[Source data]
────────────────────
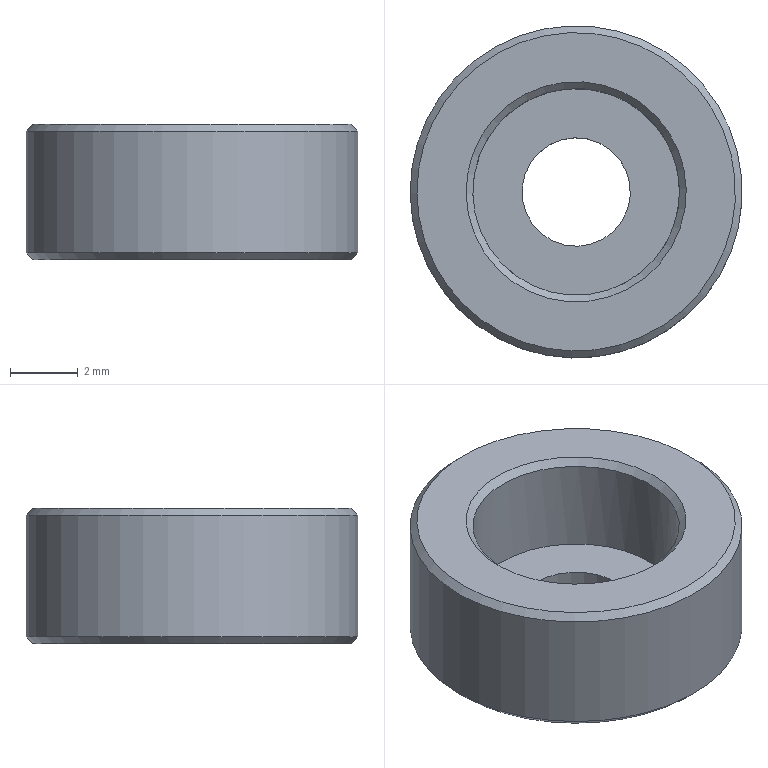Component | NX | DJZ_04_SPACER | 1 solid | 9 faces | box 9.8 x 9.8 x 4 mm | volume 204 mm3 | cylinder 3 | plane 3 | cone 3 | commonest cylinder face diameters 9.8 x1 6.1 x1 3.2 x1
STEP:
#1=CARTESIAN_POINT('',(0.,0.,0.));
#2=DIRECTION('',(0.,0.,1.));
#3=DIRECTION('',(1.,0.,0.));
#4=AXIS2_PLACEMENT_3D('',#1,#2,#3);
#5=CARTESIAN_POINT('',(4.526,1.877,3.7));
#6=VERTEX_POINT('',#5);
#7=CARTESIAN_POINT('',(0.,0.,3.7));
#8=DIRECTION('',(0.,0.,1.));
#9=DIRECTION('',(0.9237,0.383,0.));
#10=AXIS2_PLACEMENT_3D('',#7,#8,#9);
#11=CIRCLE('',#10,4.9);
#12=CARTESIAN_POINT('',(0.,0.,3.5));
#13=DIRECTION('',(0.,0.,1.));
#14=DIRECTION('',(-0.9237,-0.383,0.));
#15=AXIS2_PLACEMENT_3D('',#12,#13,#14);
#16=CYLINDRICAL_SURFACE('',#15,4.9);
#17=CARTESIAN_POINT('',(3.142,0.2));
#18=DIRECTION('',(1.,0.));
#19=VECTOR('',#18,1.);
#20=LINE('',#17,#19);
#21=(GEOMETRIC_REPRESENTATION_CONTEXT(2)PARAMETRIC_REPRESENTATION_CONTEXT()REPRESENTATION_CONTEXT('',''));
#22=DEFINITIONAL_REPRESENTATION('',(#20),#21);
#23=PCURVE('',#16,#22);
#24=CARTESIAN_POINT('',(0.,0.,3.5));
#25=DIRECTION('',(0.,0.,1.));
#26=DIRECTION('',(-0.9237,-0.383,0.));
#27=AXIS2_PLACEMENT_3D('',#24,#25,#26);
#28=CONICAL_SURFACE('',#27,4.7,0.7854);
#29=CARTESIAN_POINT('',(3.142,0.2));
#30=DIRECTION('',(1.,0.));
#31=VECTOR('',#30,1.);
#32=LINE('',#29,#31);
#33=(GEOMETRIC_REPRESENTATION_CONTEXT(2)PARAMETRIC_REPRESENTATION_CONTEXT()REPRESENTATION_CONTEXT('',''));
#34=DEFINITIONAL_REPRESENTATION('',(#32),#33);
#35=PCURVE('',#28,#34);
#36=SURFACE_CURVE('',#11,(#23,#35),.PCURVE_S1.);
#37=EDGE_CURVE('',#6,#6,#36,.T.);
#38=ORIENTED_EDGE('',*,*,#37,.T.);
#39=CARTESIAN_POINT('',(4.526,1.877,7.3));
#40=VERTEX_POINT('',#39);
#41=CARTESIAN_POINT('',(4.526,1.877,3.7));
#42=CARTESIAN_POINT('',(4.526,1.877,7.3));
#43=B_SPLINE_CURVE_WITH_KNOTS('',1,(#41,#42),.UNSPECIFIED.,.F.,.F.,(2,2),(0.2,3.8),.PIECEWISE_BEZIER_KNOTS.);
#44=CARTESIAN_POINT('',(9.425,0.));
#45=DIRECTION('',(0.,1.));
#46=VECTOR('',#45,1.);
#47=LINE('',#44,#46);
#48=(GEOMETRIC_REPRESENTATION_CONTEXT(2)PARAMETRIC_REPRESENTATION_CONTEXT()REPRESENTATION_CONTEXT('',''));
#49=DEFINITIONAL_REPRESENTATION('',(#47),#48);
#50=PCURVE('',#16,#49);
#51=CARTESIAN_POINT('',(3.142,0.));
#52=DIRECTION('',(0.,1.));
#53=VECTOR('',#52,1.);
#54=LINE('',#51,#53);
#55=(GEOMETRIC_REPRESENTATION_CONTEXT(2)PARAMETRIC_REPRESENTATION_CONTEXT()REPRESENTATION_CONTEXT('',''));
#56=DEFINITIONAL_REPRESENTATION('',(#54),#55);
#57=PCURVE('',#16,#56);
#58=SEAM_CURVE('',#43,(#50,#57),.PCURVE_S1.);
#59=EDGE_CURVE('',#6,#40,#58,.T.);
#60=ORIENTED_EDGE('',*,*,#59,.T.);
#61=CARTESIAN_POINT('',(0.,0.,7.3));
#62=DIRECTION('',(0.,0.,-1.));
#63=DIRECTION('',(0.9237,0.383,0.));
#64=AXIS2_PLACEMENT_3D('',#61,#62,#63);
#65=CIRCLE('',#64,4.9);
#66=CARTESIAN_POINT('',(9.425,3.8));
#67=DIRECTION('',(-1.,0.));
#68=VECTOR('',#67,1.);
#69=LINE('',#66,#68);
#70=(GEOMETRIC_REPRESENTATION_CONTEXT(2)PARAMETRIC_REPRESENTATION_CONTEXT()REPRESENTATION_CONTEXT('',''));
#71=DEFINITIONAL_REPRESENTATION('',(#69),#70);
#72=PCURVE('',#16,#71);
#73=CARTESIAN_POINT('',(0.,0.,7.3));
#74=DIRECTION('',(0.,0.,-1.));
#75=DIRECTION('',(0.9237,0.383,0.));
#76=AXIS2_PLACEMENT_3D('',#73,#74,#75);
#77=CONICAL_SURFACE('',#76,4.9,0.7854);
#78=CARTESIAN_POINT('',(0.,0.));
#79=DIRECTION('',(1.,-0.));
#80=VECTOR('',#79,1.);
#81=LINE('',#78,#80);
#82=(GEOMETRIC_REPRESENTATION_CONTEXT(2)PARAMETRIC_REPRESENTATION_CONTEXT()REPRESENTATION_CONTEXT('',''));
#83=DEFINITIONAL_REPRESENTATION('',(#81),#82);
#84=PCURVE('',#77,#83);
#85=SURFACE_CURVE('',#65,(#72,#84),.PCURVE_S1.);
#86=EDGE_CURVE('',#40,#40,#85,.T.);
#87=ORIENTED_EDGE('',*,*,#86,.T.);
#88=ORIENTED_EDGE('',*,*,#59,.F.);
#89=EDGE_LOOP('',(#38,#60,#87,#88));
#90=FACE_BOUND('',#89,.T.);
#91=ADVANCED_FACE('',(#90),#16,.T.);
#92=CARTESIAN_POINT('',(-2.817,-1.168,7.3));
#93=VERTEX_POINT('',#92);
#94=CARTESIAN_POINT('',(2.817,1.168,7.3));
#95=VERTEX_POINT('',#94);
#96=CARTESIAN_POINT('',(0.,0.,7.3));
#97=DIRECTION('',(0.,0.,1.));
#98=DIRECTION('',(0.9237,0.383,0.));
#99=AXIS2_PLACEMENT_3D('',#96,#97,#98);
#100=CIRCLE('',#99,3.05);
#101=CARTESIAN_POINT('',(0.,0.,3.5));
#102=DIRECTION('',(0.,0.,1.));
#103=DIRECTION('',(-0.9237,-0.383,0.));
#104=AXIS2_PLACEMENT_3D('',#101,#102,#103);
#105=CYLINDRICAL_SURFACE('',#104,3.05);
#106=CARTESIAN_POINT('',(-3.142,3.8));
#107=DIRECTION('',(1.,0.));
#108=VECTOR('',#107,1.);
#109=LINE('',#106,#108);
#110=(GEOMETRIC_REPRESENTATION_CONTEXT(2)PARAMETRIC_REPRESENTATION_CONTEXT()REPRESENTATION_CONTEXT('',''));
#111=DEFINITIONAL_REPRESENTATION('',(#109),#110);
#112=PCURVE('',#105,#111);
#113=CARTESIAN_POINT('',(0.,0.,7.5));
#114=DIRECTION('',(0.,0.,1.));
#115=DIRECTION('',(-0.9237,-0.383,0.));
#116=AXIS2_PLACEMENT_3D('',#113,#114,#115);
#117=CONICAL_SURFACE('',#116,3.25,0.7854);
#118=CARTESIAN_POINT('',(3.142,-0.2));
#119=DIRECTION('',(1.,0.));
#120=VECTOR('',#119,1.);
#121=LINE('',#118,#120);
#122=(GEOMETRIC_REPRESENTATION_CONTEXT(2)PARAMETRIC_REPRESENTATION_CONTEXT()REPRESENTATION_CONTEXT('',''));
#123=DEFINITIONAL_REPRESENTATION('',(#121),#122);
────────────────────
— TASK DIRECTIONS —
Once the line with "#103=DIRECTION('',(-0.9237,-0.383,0.));" is found, write out that line and every one after it through the last line of the records, exactly and with nothing else.

— YOUR SOLUTION —
#103=DIRECTION('',(-0.9237,-0.383,0.));
#104=AXIS2_PLACEMENT_3D('',#101,#102,#103);
#105=CYLINDRICAL_SURFACE('',#104,3.05);
#106=CARTESIAN_POINT('',(-3.142,3.8));
#107=DIRECTION('',(1.,0.));
#108=VECTOR('',#107,1.);
#109=LINE('',#106,#108);
#110=(GEOMETRIC_REPRESENTATION_CONTEXT(2)PARAMETRIC_REPRESENTATION_CONTEXT()REPRESENTATION_CONTEXT('',''));
#111=DEFINITIONAL_REPRESENTATION('',(#109),#110);
#112=PCURVE('',#105,#111);
#113=CARTESIAN_POINT('',(0.,0.,7.5));
#114=DIRECTION('',(0.,0.,1.));
#115=DIRECTION('',(-0.9237,-0.383,0.));
#116=AXIS2_PLACEMENT_3D('',#113,#114,#115);
#117=CONICAL_SURFACE('',#116,3.25,0.7854);
#118=CARTESIAN_POINT('',(3.142,-0.2));
#119=DIRECTION('',(1.,0.));
#120=VECTOR('',#119,1.);
#121=LINE('',#118,#120);
#122=(GEOMETRIC_REPRESENTATION_CONTEXT(2)PARAMETRIC_REPRESENTATION_CONTEXT()REPRESENTATION_CONTEXT('',''));
#123=DEFINITIONAL_REPRESENTATION('',(#121),#122);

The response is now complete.